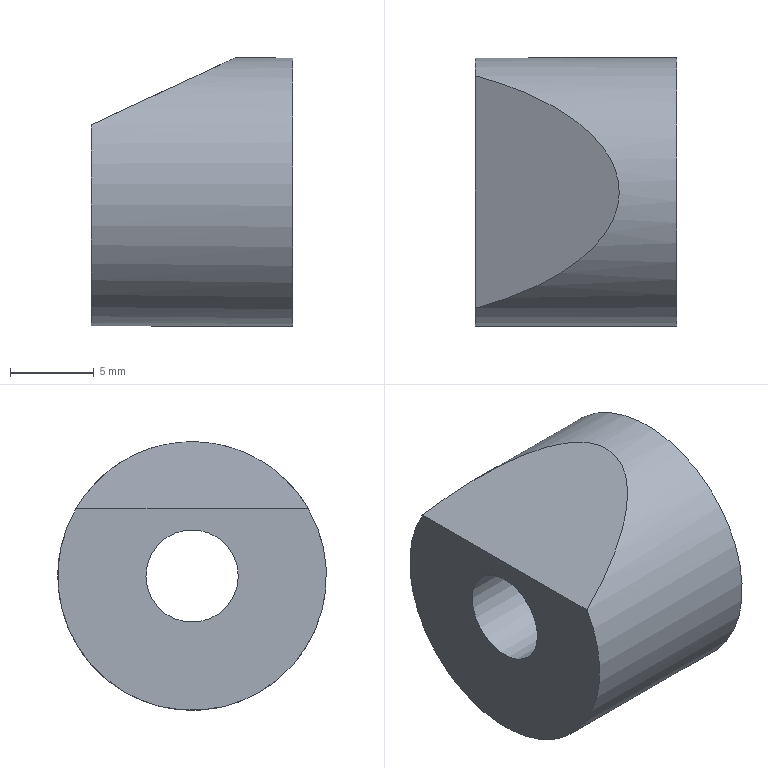Component | NX | LOCKING_SLEEVE | 1 solid | 5 faces | box 12 x 16 x 16 mm | volume 1989 mm3 | plane 3 | cylinder 2 | commonest cylinder face diameters 16 x1 5.5 x1
STEP:
#1=CARTESIAN_POINT('',(0.,0.,0.));
#2=DIRECTION('',(0.,0.,1.));
#3=DIRECTION('',(1.,0.,0.));
#4=AXIS2_PLACEMENT_3D('',#1,#2,#3);
#5=CARTESIAN_POINT('',(90.666,170.327,156.15));
#6=VERTEX_POINT('',#5);
#7=CARTESIAN_POINT('',(90.666,171.398,152.15));
#8=VERTEX_POINT('',#7);
#9=CARTESIAN_POINT('',(90.666,163.398,152.15));
#10=DIRECTION('',(1.,0.,0.));
#11=DIRECTION('',(0.,1.,0.));
#12=AXIS2_PLACEMENT_3D('',#9,#10,#11);
#13=CIRCLE('',#12,8.);
#14=CARTESIAN_POINT('',(90.666,163.398,152.15));
#15=DIRECTION('',(-1.,0.,0.));
#16=DIRECTION('',(0.,0.,1.));
#17=AXIS2_PLACEMENT_3D('',#14,#15,#16);
#18=CYLINDRICAL_SURFACE('',#17,8.);
#19=CARTESIAN_POINT('',(7.854,0.));
#20=DIRECTION('',(-1.,0.));
#21=VECTOR('',#20,1.);
#22=LINE('',#19,#21);
#23=(GEOMETRIC_REPRESENTATION_CONTEXT(2)PARAMETRIC_REPRESENTATION_CONTEXT()REPRESENTATION_CONTEXT('',''));
#24=DEFINITIONAL_REPRESENTATION('',(#22),#23);
#25=PCURVE('',#18,#24);
#26=CARTESIAN_POINT('',(90.666,163.398,152.15));
#27=DIRECTION('',(1.,0.,0.));
#28=DIRECTION('',(0.,0.,-1.));
#29=AXIS2_PLACEMENT_3D('',#26,#27,#28);
#30=PLANE('',#29);
#31=CARTESIAN_POINT('',(0.,0.));
#32=DIRECTION('',(0.,1.));
#33=AXIS2_PLACEMENT_2D('',#31,#32);
#34=CIRCLE('',#33,8.);
#35=(GEOMETRIC_REPRESENTATION_CONTEXT(2)PARAMETRIC_REPRESENTATION_CONTEXT()REPRESENTATION_CONTEXT('',''));
#36=DEFINITIONAL_REPRESENTATION('',(#34),#35);
#37=PCURVE('',#30,#36);
#38=SURFACE_CURVE('',#13,(#25,#37),.PCURVE_S1.);
#39=EDGE_CURVE('',#6,#8,#38,.T.);
#40=ORIENTED_EDGE('',*,*,#39,.F.);
#41=CARTESIAN_POINT('',(78.666,170.327,156.15));
#42=VERTEX_POINT('',#41);
#43=CARTESIAN_POINT('',(90.666,170.327,156.15));
#44=CARTESIAN_POINT('',(78.666,170.327,156.15));
#45=B_SPLINE_CURVE_WITH_KNOTS('',1,(#43,#44),.UNSPECIFIED.,.F.,.F.,(2,2),(0.,12.),.PIECEWISE_BEZIER_KNOTS.);
#46=CARTESIAN_POINT('',(7.33,0.));
#47=DIRECTION('',(0.,1.));
#48=VECTOR('',#47,1.);
#49=LINE('',#46,#48);
#50=(GEOMETRIC_REPRESENTATION_CONTEXT(2)PARAMETRIC_REPRESENTATION_CONTEXT()REPRESENTATION_CONTEXT('',''));
#51=DEFINITIONAL_REPRESENTATION('',(#49),#50);
#52=PCURVE('',#18,#51);
#53=CARTESIAN_POINT('',(1.047,0.));
#54=DIRECTION('',(0.,1.));
#55=VECTOR('',#54,1.);
#56=LINE('',#53,#55);
#57=(GEOMETRIC_REPRESENTATION_CONTEXT(2)PARAMETRIC_REPRESENTATION_CONTEXT()REPRESENTATION_CONTEXT('',''));
#58=DEFINITIONAL_REPRESENTATION('',(#56),#57);
#59=PCURVE('',#18,#58);
#60=SEAM_CURVE('',#45,(#52,#59),.PCURVE_S1.);
#61=EDGE_CURVE('',#6,#42,#60,.T.);
#62=ORIENTED_EDGE('',*,*,#61,.T.);
#63=CARTESIAN_POINT('',(78.666,156.47,156.15));
#64=VERTEX_POINT('',#63);
#65=CARTESIAN_POINT('',(70.088,163.398,152.15));
#66=DIRECTION('',(-0.4226,0.,0.9063));
#67=DIRECTION('',(-0.9063,0.,-0.4226));
#68=AXIS2_PLACEMENT_3D('',#65,#66,#67);
#69=ELLIPSE('',#68,18.93,8.);
#70=CARTESIAN_POINT('',(5.236,12.));
#71=CARTESIAN_POINT('',(5.268,11.528));
#72=CARTESIAN_POINT('',(5.331,10.612));
#73=CARTESIAN_POINT('',(5.426,9.326));
#74=CARTESIAN_POINT('',(5.522,8.143));
#75=CARTESIAN_POINT('',(5.617,7.072));
#76=CARTESIAN_POINT('',(5.712,6.124));
#77=CARTESIAN_POINT('',(5.807,5.306));
#78=CARTESIAN_POINT('',(5.902,4.627));
#79=CARTESIAN_POINT('',(5.998,4.092));
#80=CARTESIAN_POINT('',(6.093,3.707));
#81=CARTESIAN_POINT('',(6.188,3.474));
#82=CARTESIAN_POINT('',(6.283,3.396));
#83=CARTESIAN_POINT('',(6.378,3.474));
#84=CARTESIAN_POINT('',(6.474,3.707));
#85=CARTESIAN_POINT('',(6.569,4.092));
#86=CARTESIAN_POINT('',(6.664,4.627));
#87=CARTESIAN_POINT('',(6.759,5.306));
#88=CARTESIAN_POINT('',(6.854,6.124));
#89=CARTESIAN_POINT('',(6.95,7.072));
#90=CARTESIAN_POINT('',(7.045,8.143));
#91=CARTESIAN_POINT('',(7.14,9.326));
#92=CARTESIAN_POINT('',(7.235,10.612));
#93=CARTESIAN_POINT('',(7.299,11.528));
#94=CARTESIAN_POINT('',(7.33,12.));
#95=B_SPLINE_CURVE_WITH_KNOTS('',3,(#70,#71,#72,#73,#74,#75,#76,#77,#78,#79,#80,#81,#82,#83,#84,#85,#86,#87,#88,#89,#90,#91,#92,#93,#94),.UNSPECIFIED.,.F.,.F.,(4,1,1,1,1,1,1,1,1,1,1,1,1,1,1,1,1,1,1,1,1,1,4),(2.094,2.19,2.285,2.38,2.475,2.57,2.666,2.761,2.856,2.951,3.046,3.142,3.237,3.332,3.427,3.522,3.618,3.713,3.808,3.903,3.998,4.094,4.189),.QUASI_UNIFORM_KNOTS.);
#96=(GEOMETRIC_REPRESENTATION_CONTEXT(2)PARAMETRIC_REPRESENTATION_CONTEXT()REPRESENTATION_CONTEXT('',''));
#97=DEFINITIONAL_REPRESENTATION('',(#95),#96);
#98=PCURVE('',#18,#97);
#99=CARTESIAN_POINT('',(78.666,151.398,156.15));
#100=DIRECTION('',(-0.4226,0.,0.9063));
#101=DIRECTION('',(0.9063,0.,0.4226));
#102=AXIS2_PLACEMENT_3D('',#99,#100,#101);
#103=PLANE('',#102);
#104=CARTESIAN_POINT('',(-9.465,12.));
#105=DIRECTION('',(-1.,0.));
#106=AXIS2_PLACEMENT_2D('',#104,#105);
#107=ELLIPSE('',#106,18.93,8.);
#108=(GEOMETRIC_REPRESENTATION_CONTEXT(2)PARAMETRIC_REPRESENTATION_CONTEXT()REPRESENTATION_CONTEXT('',''));
#109=DEFINITIONAL_REPRESENTATION('',(#107),#108);
#110=PCURVE('',#103,#109);
#111=SURFACE_CURVE('',#69,(#98,#110),.PCURVE_S1.);
#112=EDGE_CURVE('',#64,#42,#111,.T.);
#113=ORIENTED_EDGE('',*,*,#112,.F.);
#114=CARTESIAN_POINT('',(78.666,163.398,152.15));
#115=DIRECTION('',(1.,0.,0.));
#116=DIRECTION('',(0.,1.,0.));
#117=AXIS2_PLACEMENT_3D('',#114,#115,#116);
#118=CIRCLE('',#117,8.);
#119=CARTESIAN_POINT('',(7.854,12.));
#120=DIRECTION('',(-1.,0.));
#121=VECTOR('',#120,1.);
#122=LINE('',#119,#121);
#123=(GEOMETRIC_REPRESENTATION_CONTEXT(2)PARAMETRIC_REPRESENTATION_CONTEXT()REPRESENTATION_CONTEXT('',''));
#124=DEFINITIONAL_REPRESENTATION('',(#122),#123);
#125=PCURVE('',#18,#124);
#126=CARTESIAN_POINT('',(78.666,163.398,152.15));
#127=DIRECTION('',(1.,0.,0.));
#128=DIRECTION('',(0.,0.,-1.));
#129=AXIS2_PLACEMENT_3D('',#126,#127,#128);
#130=PLANE('',#129);
#131=CARTESIAN_POINT('',(0.,0.));
#132=DIRECTION('',(0.,1.));
#133=AXIS2_PLACEMENT_2D('',#131,#132);
#134=CIRCLE('',#133,8.);
#135=(GEOMETRIC_REPRESENTATION_CONTEXT(2)PARAMETRIC_REPRESENTATION_CONTEXT()REPRESENTATION_CONTEXT('',''));
#136=DEFINITIONAL_REPRESENTATION('',(#134),#135);
#137=PCURVE('',#130,#136);
#138=SURFACE_CURVE('',#118,(#125,#137),.PCURVE_S1.);
#139=EDGE_CURVE('',#64,#42,#138,.T.);
#140=ORIENTED_EDGE('',*,*,#139,.T.);
#141=ORIENTED_EDGE('',*,*,#61,.F.);
#142=CARTESIAN_POINT('',(90.666,163.398,152.15));
#143=DIRECTION('',(1.,0.,0.));
#144=DIRECTION('',(0.,1.,0.));
#145=AXIS2_PLACEMENT_3D('',#142,#143,#144);
#146=CIRCLE('',#145,8.);
#147=CARTESIAN_POINT('',(1.571,0.));
#148=DIRECTION('',(-1.,0.));
#149=VECTOR('',#148,1.);
#150=LINE('',#147,#149);
#151=(GEOMETRIC_REPRESENTATION_CONTEXT(2)PARAMETRIC_REPRESENTATION_CONTEXT()REPRESENTATION_CONTEXT('',''));
#152=DEFINITIONAL_REPRESENTATION('',(#150),#151);
#153=PCURVE('',#18,#152);
#154=CARTESIAN_POINT('',(0.,0.));
#155=DIRECTION('',(0.,1.));
#156=AXIS2_PLACEMENT_2D('',#154,#155);
#157=CIRCLE('',#156,8.);
#158=(GEOMETRIC_REPRESENTATION_CONTEXT(2)PARAMETRIC_REPRESENTATION_CONTEXT()REPRESENTATION_CONTEXT('',''));
#159=DEFINITIONAL_REPRESENTATION('',(#157),#158);
#160=PCURVE('',#30,#159);
#161=SURFACE_CURVE('',#146,(#153,#160),.PCURVE_S1.);
#162=EDGE_CURVE('',#8,#6,#161,.T.);
#163=ORIENTED_EDGE('',*,*,#162,.F.);
#164=EDGE_LOOP('',(#40,#62,#113,#140,#141,#163));
#165=FACE_BOUND('',#164,.T.);
#166=ADVANCED_FACE('',(#165),#18,.T.);
#167=CARTESIAN_POINT('',(90.666,166.148,152.15));
#168=VERTEX_POINT('',#167);
#169=CARTESIAN_POINT('',(90.666,163.398,152.15));
#170=DIRECTION('',(1.,0.,0.));
#171=DIRECTION('',(0.,1.,0.));
#172=AXIS2_PLACEMENT_3D('',#169,#170,#171);
#173=CIRCLE('',#172,2.75);
#174=CARTESIAN_POINT('',(0.,0.));
#175=DIRECTION('',(0.,1.));
#176=AXIS2_PLACEMENT_2D('',#174,#175);
#177=CIRCLE('',#176,2.75);
#178=(GEOMETRIC_REPRESENTATION_CONTEXT(2)PARAMETRIC_REPRESENTATION_CONTEXT()REPRESENTATION_CONTEXT('',''));
#179=DEFINITIONAL_REPRESENTATION('',(#177),#178);
#180=PCURVE('',#30,#179);
#181=CARTESIAN_POINT('',(78.666,163.398,152.15));
#182=DIRECTION('',(1.,0.,0.));
#183=DIRECTION('',(0.,0.,-1.));
#184=AXIS2_PLACEMENT_3D('',#181,#182,#183);
#185=CYLINDRICAL_SURFACE('',#184,2.75);
#186=CARTESIAN_POINT('',(1.571,12.));
#187=DIRECTION('',(1.,0.));
#188=VECTOR('',#187,1.);
#189=LINE('',#186,#188);
#190=(GEOMETRIC_REPRESENTATION_CONTEXT(2)PARAMETRIC_REPRESENTATION_CONTEXT()REPRESENTATION_CONTEXT('',''));
#191=DEFINITIONAL_REPRESENTATION('',(#189),#190);
#192=PCURVE('',#185,#191);
#193=SURFACE_CURVE('',#173,(#180,#192),.PCURVE_S1.);
#194=EDGE_CURVE('',#168,#168,#193,.T.);
#195=ORIENTED_EDGE('',*,*,#194,.F.);
#196=EDGE_LOOP('',(#195));
#197=FACE_BOUND('',#196,.T.);
#198=ORIENTED_EDGE('',*,*,#162,.T.);
#199=ORIENTED_EDGE('',*,*,#39,.T.);
#200=EDGE_LOOP('',(#198,#199));
#201=FACE_BOUND('',#200,.T.);
#202=ADVANCED_FACE('',(#197,#201),#30,.T.);
#203=CARTESIAN_POINT('',(78.666,166.148,152.15));
#204=VERTEX_POINT('',#203);
#205=CARTESIAN_POINT('',(78.666,163.398,152.15));
#206=DIRECTION('',(-1.,0.,0.));
#207=DIRECTION('',(0.,1.,0.));
#208=AXIS2_PLACEMENT_3D('',#205,#206,#207);
#209=CIRCLE('',#208,2.75);
#210=CARTESIAN_POINT('',(0.,2.75));
#211=CARTESIAN_POINT('',(4.763,2.75));
#212=CARTESIAN_POINT('',(2.382,-1.375));
#213=CARTESIAN_POINT('',(0.,-5.5));
#214=CARTESIAN_POINT('',(-2.382,-1.375));
#215=CARTESIAN_POINT('',(-4.763,2.75));
#216=CARTESIAN_POINT('',(0.,2.75));
#217=(BOUNDED_CURVE()B_SPLINE_CURVE(2,(#210,#211,#212,#213,#214,#215,#216),.UNSPECIFIED.,.T.,.F.)B_SPLINE_CURVE_WITH_KNOTS((1,2,2,2,2,1),(-2.094,0.,2.094,4.189,6.283,8.378),.UNSPECIFIED.)CURVE()GEOMETRIC_REPRESENTATION_ITEM()RATIONAL_B_SPLINE_CURVE((1.,0.5,1.,0.5,1.,0.5,1.))REPRESENTATION_ITEM(''));
#218=(GEOMETRIC_REPRESENTATION_CONTEXT(2)PARAMETRIC_REPRESENTATION_CONTEXT()REPRESENTATION_CONTEXT('',''));
#219=DEFINITIONAL_REPRESENTATION('',(#217),#218);
#220=PCURVE('',#130,#219);
#221=CARTESIAN_POINT('',(7.854,0.));
#222=DIRECTION('',(-1.,0.));
#223=VECTOR('',#222,1.);
#224=LINE('',#221,#223);
#225=(GEOMETRIC_REPRESENTATION_CONTEXT(2)PARAMETRIC_REPRESENTATION_CONTEXT()REPRESENTATION_CONTEXT('',''));
#226=DEFINITIONAL_REPRESENTATION('',(#224),#225);
#227=PCURVE('',#185,#226);
#228=SURFACE_CURVE('',#209,(#220,#227),.PCURVE_S1.);
#229=EDGE_CURVE('',#204,#204,#228,.T.);
#230=ORIENTED_EDGE('',*,*,#229,.F.);
#231=EDGE_LOOP('',(#230));
#232=FACE_BOUND('',#231,.T.);
#233=ORIENTED_EDGE('',*,*,#139,.F.);
#234=CARTESIAN_POINT('',(78.666,151.398,156.15));
#235=DIRECTION('',(0.,-1.,0.));
#236=VECTOR('',#235,1.);
#237=LINE('',#234,#236);
#238=CARTESIAN_POINT('',(-4.,-12.));
#239=DIRECTION('',(0.,-1.));
#240=VECTOR('',#239,1.);
#241=LINE('',#238,#240);
#242=(GEOMETRIC_REPRESENTATION_CONTEXT(2)PARAMETRIC_REPRESENTATION_CONTEXT()REPRESENTATION_CONTEXT('',''));
#243=DEFINITIONAL_REPRESENTATION('',(#241),#242);
#244=PCURVE('',#130,#243);
#245=CARTESIAN_POINT('',(0.,0.));
#246=DIRECTION('',(0.,-1.));
#247=VECTOR('',#246,1.);
#248=LINE('',#245,#247);
#249=(GEOMETRIC_REPRESENTATION_CONTEXT(2)PARAMETRIC_REPRESENTATION_CONTEXT()REPRESENTATION_CONTEXT('',''));
#250=DEFINITIONAL_REPRESENTATION('',(#248),#249);
#251=PCURVE('',#103,#250);
#252=SURFACE_CURVE('',#237,(#244,#251),.PCURVE_S1.);
#253=EDGE_CURVE('',#42,#64,#252,.T.);
#254=ORIENTED_EDGE('',*,*,#253,.F.);
#255=EDGE_LOOP('',(#233,#254));
#256=FACE_BOUND('',#255,.T.);
#257=ADVANCED_FACE('',(#232,#256),#130,.F.);
#258=ORIENTED_EDGE('',*,*,#229,.F.);
#259=CARTESIAN_POINT('',(78.666,166.148,152.15));
#260=CARTESIAN_POINT('',(90.666,166.148,152.15));
#261=B_SPLINE_CURVE_WITH_KNOTS('',1,(#259,#260),.UNSPECIFIED.,.F.,.F.,(2,2),(0.,12.),.PIECEWISE_BEZIER_KNOTS.);
#262=CARTESIAN_POINT('',(7.854,0.));
#263=DIRECTION('',(0.,1.));
#264=VECTOR('',#263,1.);
#265=LINE('',#262,#264);
#266=(GEOMETRIC_REPRESENTATION_CONTEXT(2)PARAMETRIC_REPRESENTATION_CONTEXT()REPRESENTATION_CONTEXT('',''));
#267=DEFINITIONAL_REPRESENTATION('',(#265),#266);
#268=PCURVE('',#185,#267);
#269=CARTESIAN_POINT('',(1.571,0.));
#270=DIRECTION('',(0.,1.));
#271=VECTOR('',#270,1.);
#272=LINE('',#269,#271);
#273=(GEOMETRIC_REPRESENTATION_CONTEXT(2)PARAMETRIC_REPRESENTATION_CONTEXT()REPRESENTATION_CONTEXT('',''));
#274=DEFINITIONAL_REPRESENTATION('',(#272),#273);
#275=PCURVE('',#185,#274);
#276=SEAM_CURVE('',#261,(#268,#275),.PCURVE_S1.);
#277=EDGE_CURVE('',#204,#168,#276,.T.);
#278=ORIENTED_EDGE('',*,*,#277,.T.);
#279=ORIENTED_EDGE('',*,*,#194,.F.);
#280=ORIENTED_EDGE('',*,*,#277,.F.);
#281=EDGE_LOOP('',(#258,#278,#279,#280));
#282=FACE_BOUND('',#281,.F.);
#283=ADVANCED_FACE('',(#282),#185,.F.);
#284=ORIENTED_EDGE('',*,*,#112,.T.);
#285=ORIENTED_EDGE('',*,*,#253,.T.);
#286=EDGE_LOOP('',(#284,#285));
#287=FACE_BOUND('',#286,.T.);
#288=ADVANCED_FACE('',(#287),#103,.T.);
#289=CLOSED_SHELL('',(#166,#202,#257,#283,#288));
#290=MANIFOLD_SOLID_BREP('',#289);
#291=(LENGTH_UNIT()NAMED_UNIT(*)SI_UNIT(.MILLI.,.METRE.));
#292=UNCERTAINTY_MEASURE_WITH_UNIT(LENGTH_MEASURE(0.000005),#291,'','');
#293=(NAMED_UNIT(*)PLANE_ANGLE_UNIT()SI_UNIT($,.RADIAN.));
#294=(NAMED_UNIT(*)SI_UNIT($,.STERADIAN.)SOLID_ANGLE_UNIT());
#295=(GEOMETRIC_REPRESENTATION_CONTEXT(3)GLOBAL_UNCERTAINTY_ASSIGNED_CONTEXT((#292))GLOBAL_UNIT_ASSIGNED_CONTEXT((#291,#293,#294))REPRESENTATION_CONTEXT('',''));
#296=ADVANCED_BREP_SHAPE_REPRESENTATION('',(#4,#290),#295);

● **Exercise**:
Could you reproduce exactly the lines from the first line of the listing through the line containing "#11=DIRECTION('',(0.,1.,0.));", both included, with pictures left out?

● **Output for this exercise**:
Component | NX | LOCKING_SLEEVE | 1 solid | 5 faces | box 12 x 16 x 16 mm | volume 1989 mm3 | plane 3 | cylinder 2 | commonest cylinder face diameters 16 x1 5.5 x1
STEP:
#1=CARTESIAN_POINT('',(0.,0.,0.));
#2=DIRECTION('',(0.,0.,1.));
#3=DIRECTION('',(1.,0.,0.));
#4=AXIS2_PLACEMENT_3D('',#1,#2,#3);
#5=CARTESIAN_POINT('',(90.666,170.327,156.15));
#6=VERTEX_POINT('',#5);
#7=CARTESIAN_POINT('',(90.666,171.398,152.15));
#8=VERTEX_POINT('',#7);
#9=CARTESIAN_POINT('',(90.666,163.398,152.15));
#10=DIRECTION('',(1.,0.,0.));
#11=DIRECTION('',(0.,1.,0.));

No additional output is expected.